_YOUR GOAL_. Reproduce the entries verbatim; no pictures.

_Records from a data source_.
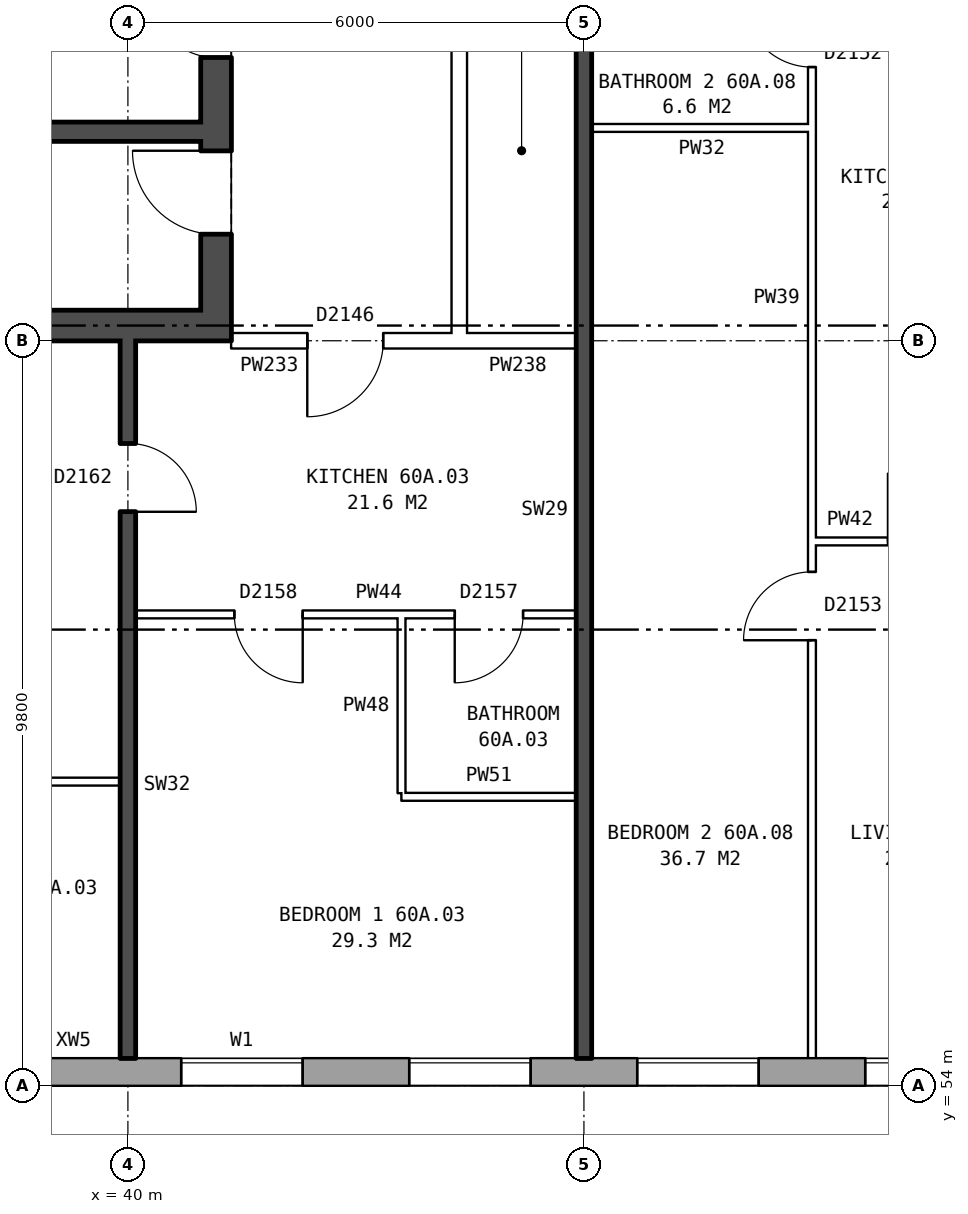
"""IFC4 building model, lengths in metres.
Left out: names, types, materials, properties, quantities, classifications, styles, units other than length and angle.
Written with IfcOpenShell. Run it as: python <this file> out.ifc"""

import sys

from ifc_helpers import new_model, si_unit, direction, frame, frame_2d, origin, place, context, subcontext, project, spatial, rectangle, extrude, element, fill, save


model = new_model("IFC4")
c1 = context("Model", 3, precision=1e-05, world=origin(), true_north=direction((0.0, 1.0)))
c2 = subcontext(c1, "Body", "Model", "MODEL_VIEW")
j1 = project(units=[si_unit("LENGTHUNIT", "METRE"), si_unit("PLANEANGLEUNIT", "RADIAN")], contexts=[c1])
p1 = place(None, origin())
s1 = spatial("IfcSite", under=j1, at=p1, CompositionType="ELEMENT")
p2 = place(p1, origin())
s2 = spatial("IfcBuilding", under=s1, at=p2, CompositionType="ELEMENT")
p3 = place(p2, frame((0.0, 0.0, 212.1)))
s3 = spatial("IfcBuildingStorey", under=s2, at=p3, CompositionType="ELEMENT", Elevation=212.1)
p4 = place(p3, frame((35.075, 54.18, 0.0), z_axis=(0.0, 0.0, 1.0), x_axis=(1.0, 0.0, 0.0)))
e1 = element("IfcWall", 1, at=p4, inside=s3, PredefinedType="STANDARD", context=c2, shape_type="SweptSolid", body=[
    extrude(rectangle(XDim=39.875, YDim=0.36, at=frame_2d((19.938, 0.0))), origin(), (0.0, 0.0, 1.0), 2.85),
])
p5 = place(p4, frame((0.3, 0.0, 0.8)))
e2 = element("IfcOpeningElement", 2, at=p5, cuts=e1, PredefinedType="OPENING", context=c2, shape_type="SweptSolid", body=[
    extrude(rectangle(XDim=0.8, YDim=1.5, at=frame_2d((0.4, 0.75))), frame((0.0, 0.19, 0.0), z_axis=(0.0, -1.0, 0.0), x_axis=(1.0, 0.0, 0.0)), (0.0, 0.0, 1.0), 0.38),
])
p6 = place(p4, frame((5.625, 0.0, 0.8)))
e3 = element("IfcOpeningElement", 3, at=p6, cuts=e1, PredefinedType="OPENING", context=c2, shape_type="SweptSolid", body=[
    extrude(rectangle(XDim=1.6, YDim=1.8, at=frame_2d((0.8, 0.9))), frame((0.0, 0.19, 0.0), z_axis=(0.0, -1.0, 0.0), x_axis=(1.0, 0.0, 0.0)), (0.0, 0.0, 1.0), 0.38),
])
p7 = place(p4, frame((8.625, 0.0, 0.8)))
e4 = element("IfcOpeningElement", 4, at=p7, cuts=e1, PredefinedType="OPENING", context=c2, shape_type="SweptSolid", body=[
    extrude(rectangle(XDim=1.6, YDim=1.8, at=frame_2d((0.8, 0.9))), frame((0.0, 0.19, 0.0), z_axis=(0.0, -1.0, 0.0), x_axis=(1.0, 0.0, 0.0)), (0.0, 0.0, 1.0), 0.38),
])
p8 = place(p4, frame((11.625, 0.0, 0.8)))
e5 = element("IfcOpeningElement", 5, at=p8, cuts=e1, PredefinedType="OPENING", context=c2, shape_type="SweptSolid", body=[
    extrude(rectangle(XDim=1.6, YDim=1.8, at=frame_2d((0.8, 0.9))), frame((0.0, 0.19, 0.0), z_axis=(0.0, -1.0, 0.0), x_axis=(1.0, 0.0, 0.0)), (0.0, 0.0, 1.0), 0.38),
])
p9 = place(p4, frame((14.625, 0.0, 0.8)))
e6 = element("IfcOpeningElement", 6, at=p9, cuts=e1, PredefinedType="OPENING", context=c2, shape_type="SweptSolid", body=[
    extrude(rectangle(XDim=1.6, YDim=1.8, at=frame_2d((0.8, 0.9))), frame((0.0, 0.19, 0.0), z_axis=(0.0, -1.0, 0.0), x_axis=(1.0, 0.0, 0.0)), (0.0, 0.0, 1.0), 0.38),
])
p10 = place(p4, frame((17.625, 0.0, 0.8)))
e7 = element("IfcOpeningElement", 7, at=p10, cuts=e1, PredefinedType="OPENING", context=c2, shape_type="SweptSolid", body=[
    extrude(rectangle(XDim=1.6, YDim=1.8, at=frame_2d((0.8, 0.9))), frame((0.0, 0.19, 0.0), z_axis=(0.0, -1.0, 0.0), x_axis=(1.0, 0.0, 0.0)), (0.0, 0.0, 1.0), 0.38),
])
p11 = place(p4, frame((20.625, 0.0, 0.8)))
e8 = element("IfcOpeningElement", 8, at=p11, cuts=e1, PredefinedType="OPENING", context=c2, shape_type="SweptSolid", body=[
    extrude(rectangle(XDim=1.6, YDim=1.8, at=frame_2d((0.8, 0.9))), frame((0.0, 0.19, 0.0), z_axis=(0.0, -1.0, 0.0), x_axis=(1.0, 0.0, 0.0)), (0.0, 0.0, 1.0), 0.38),
])
p12 = place(p4, frame((23.625, 0.0, 0.8)))
e9 = element("IfcOpeningElement", 9, at=p12, cuts=e1, PredefinedType="OPENING", context=c2, shape_type="SweptSolid", body=[
    extrude(rectangle(XDim=1.6, YDim=1.8, at=frame_2d((0.8, 0.9))), frame((0.0, 0.19, 0.0), z_axis=(0.0, -1.0, 0.0), x_axis=(1.0, 0.0, 0.0)), (0.0, 0.0, 1.0), 0.38),
])
p13 = place(p4, frame((26.625, 0.0, 0.8)))
e10 = element("IfcOpeningElement", 10, at=p13, cuts=e1, PredefinedType="OPENING", context=c2, shape_type="SweptSolid", body=[
    extrude(rectangle(XDim=1.6, YDim=1.8, at=frame_2d((0.8, 0.9))), frame((0.0, 0.19, 0.0), z_axis=(0.0, -1.0, 0.0), x_axis=(1.0, 0.0, 0.0)), (0.0, 0.0, 1.0), 0.38),
])
p14 = place(p4, frame((29.625, 0.0, 0.8)))
e11 = element("IfcOpeningElement", 11, at=p14, cuts=e1, PredefinedType="OPENING", context=c2, shape_type="SweptSolid", body=[
    extrude(rectangle(XDim=1.6, YDim=1.8, at=frame_2d((0.8, 0.9))), frame((0.0, 0.19, 0.0), z_axis=(0.0, -1.0, 0.0), x_axis=(1.0, 0.0, 0.0)), (0.0, 0.0, 1.0), 0.38),
])
p15 = place(p4, frame((31.525, 0.0, 0.8)))
e12 = element("IfcOpeningElement", 12, at=p15, cuts=e1, PredefinedType="OPENING", context=c2, shape_type="SweptSolid", body=[
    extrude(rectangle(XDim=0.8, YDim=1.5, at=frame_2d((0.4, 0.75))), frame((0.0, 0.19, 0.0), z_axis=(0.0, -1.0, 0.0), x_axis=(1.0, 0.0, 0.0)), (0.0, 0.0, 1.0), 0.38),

_ANSWER TO THE EXERCISE_.
"""IFC4 building model, lengths in metres.
Left out: names, types, materials, properties, quantities, classifications, styles, units other than length and angle.
Written with IfcOpenShell. Run it as: python <this file> out.ifc"""

import sys

from ifc_helpers import new_model, si_unit, direction, frame, frame_2d, origin, place, context, subcontext, project, spatial, rectangle, extrude, element, fill, save


model = new_model("IFC4")
c1 = context("Model", 3, precision=1e-05, world=origin(), true_north=direction((0.0, 1.0)))
c2 = subcontext(c1, "Body", "Model", "MODEL_VIEW")
j1 = project(units=[si_unit("LENGTHUNIT", "METRE"), si_unit("PLANEANGLEUNIT", "RADIAN")], contexts=[c1])
p1 = place(None, origin())
s1 = spatial("IfcSite", under=j1, at=p1, CompositionType="ELEMENT")
p2 = place(p1, origin())
s2 = spatial("IfcBuilding", under=s1, at=p2, CompositionType="ELEMENT")
p3 = place(p2, frame((0.0, 0.0, 212.1)))
s3 = spatial("IfcBuildingStorey", under=s2, at=p3, CompositionType="ELEMENT", Elevation=212.1)
p4 = place(p3, frame((35.075, 54.18, 0.0), z_axis=(0.0, 0.0, 1.0), x_axis=(1.0, 0.0, 0.0)))
e1 = element("IfcWall", 1, at=p4, inside=s3, PredefinedType="STANDARD", context=c2, shape_type="SweptSolid", body=[
    extrude(rectangle(XDim=39.875, YDim=0.36, at=frame_2d((19.938, 0.0))), origin(), (0.0, 0.0, 1.0), 2.85),
])
p5 = place(p4, frame((0.3, 0.0, 0.8)))
e2 = element("IfcOpeningElement", 2, at=p5, cuts=e1, PredefinedType="OPENING", context=c2, shape_type="SweptSolid", body=[
    extrude(rectangle(XDim=0.8, YDim=1.5, at=frame_2d((0.4, 0.75))), frame((0.0, 0.19, 0.0), z_axis=(0.0, -1.0, 0.0), x_axis=(1.0, 0.0, 0.0)), (0.0, 0.0, 1.0), 0.38),
])
p6 = place(p4, frame((5.625, 0.0, 0.8)))
e3 = element("IfcOpeningElement", 3, at=p6, cuts=e1, PredefinedType="OPENING", context=c2, shape_type="SweptSolid", body=[
    extrude(rectangle(XDim=1.6, YDim=1.8, at=frame_2d((0.8, 0.9))), frame((0.0, 0.19, 0.0), z_axis=(0.0, -1.0, 0.0), x_axis=(1.0, 0.0, 0.0)), (0.0, 0.0, 1.0), 0.38),
])
p7 = place(p4, frame((8.625, 0.0, 0.8)))
e4 = element("IfcOpeningElement", 4, at=p7, cuts=e1, PredefinedType="OPENING", context=c2, shape_type="SweptSolid", body=[
    extrude(rectangle(XDim=1.6, YDim=1.8, at=frame_2d((0.8, 0.9))), frame((0.0, 0.19, 0.0), z_axis=(0.0, -1.0, 0.0), x_axis=(1.0, 0.0, 0.0)), (0.0, 0.0, 1.0), 0.38),
])
p8 = place(p4, frame((11.625, 0.0, 0.8)))
e5 = element("IfcOpeningElement", 5, at=p8, cuts=e1, PredefinedType="OPENING", context=c2, shape_type="SweptSolid", body=[
    extrude(rectangle(XDim=1.6, YDim=1.8, at=frame_2d((0.8, 0.9))), frame((0.0, 0.19, 0.0), z_axis=(0.0, -1.0, 0.0), x_axis=(1.0, 0.0, 0.0)), (0.0, 0.0, 1.0), 0.38),
])
p9 = place(p4, frame((14.625, 0.0, 0.8)))
e6 = element("IfcOpeningElement", 6, at=p9, cuts=e1, PredefinedType="OPENING", context=c2, shape_type="SweptSolid", body=[
    extrude(rectangle(XDim=1.6, YDim=1.8, at=frame_2d((0.8, 0.9))), frame((0.0, 0.19, 0.0), z_axis=(0.0, -1.0, 0.0), x_axis=(1.0, 0.0, 0.0)), (0.0, 0.0, 1.0), 0.38),
])
p10 = place(p4, frame((17.625, 0.0, 0.8)))
e7 = element("IfcOpeningElement", 7, at=p10, cuts=e1, PredefinedType="OPENING", context=c2, shape_type="SweptSolid", body=[
    extrude(rectangle(XDim=1.6, YDim=1.8, at=frame_2d((0.8, 0.9))), frame((0.0, 0.19, 0.0), z_axis=(0.0, -1.0, 0.0), x_axis=(1.0, 0.0, 0.0)), (0.0, 0.0, 1.0), 0.38),
])
p11 = place(p4, frame((20.625, 0.0, 0.8)))
e8 = element("IfcOpeningElement", 8, at=p11, cuts=e1, PredefinedType="OPENING", context=c2, shape_type="SweptSolid", body=[
    extrude(rectangle(XDim=1.6, YDim=1.8, at=frame_2d((0.8, 0.9))), frame((0.0, 0.19, 0.0), z_axis=(0.0, -1.0, 0.0), x_axis=(1.0, 0.0, 0.0)), (0.0, 0.0, 1.0), 0.38),
])
p12 = place(p4, frame((23.625, 0.0, 0.8)))
e9 = element("IfcOpeningElement", 9, at=p12, cuts=e1, PredefinedType="OPENING", context=c2, shape_type="SweptSolid", body=[
    extrude(rectangle(XDim=1.6, YDim=1.8, at=frame_2d((0.8, 0.9))), frame((0.0, 0.19, 0.0), z_axis=(0.0, -1.0, 0.0), x_axis=(1.0, 0.0, 0.0)), (0.0, 0.0, 1.0), 0.38),
])
p13 = place(p4, frame((26.625, 0.0, 0.8)))
e10 = element("IfcOpeningElement", 10, at=p13, cuts=e1, PredefinedType="OPENING", context=c2, shape_type="SweptSolid", body=[
    extrude(rectangle(XDim=1.6, YDim=1.8, at=frame_2d((0.8, 0.9))), frame((0.0, 0.19, 0.0), z_axis=(0.0, -1.0, 0.0), x_axis=(1.0, 0.0, 0.0)), (0.0, 0.0, 1.0), 0.38),
])
p14 = place(p4, frame((29.625, 0.0, 0.8)))
e11 = element("IfcOpeningElement", 11, at=p14, cuts=e1, PredefinedType="OPENING", context=c2, shape_type="SweptSolid", body=[
    extrude(rectangle(XDim=1.6, YDim=1.8, at=frame_2d((0.8, 0.9))), frame((0.0, 0.19, 0.0), z_axis=(0.0, -1.0, 0.0), x_axis=(1.0, 0.0, 0.0)), (0.0, 0.0, 1.0), 0.38),
])
p15 = place(p4, frame((31.525, 0.0, 0.8)))
e12 = element("IfcOpeningElement", 12, at=p15, cuts=e1, PredefinedType="OPENING", context=c2, shape_type="SweptSolid", body=[
    extrude(rectangle(XDim=0.8, YDim=1.5, at=frame_2d((0.4, 0.75))), frame((0.0, 0.19, 0.0), z_axis=(0.0, -1.0, 0.0), x_axis=(1.0, 0.0, 0.0)), (0.0, 0.0, 1.0), 0.38),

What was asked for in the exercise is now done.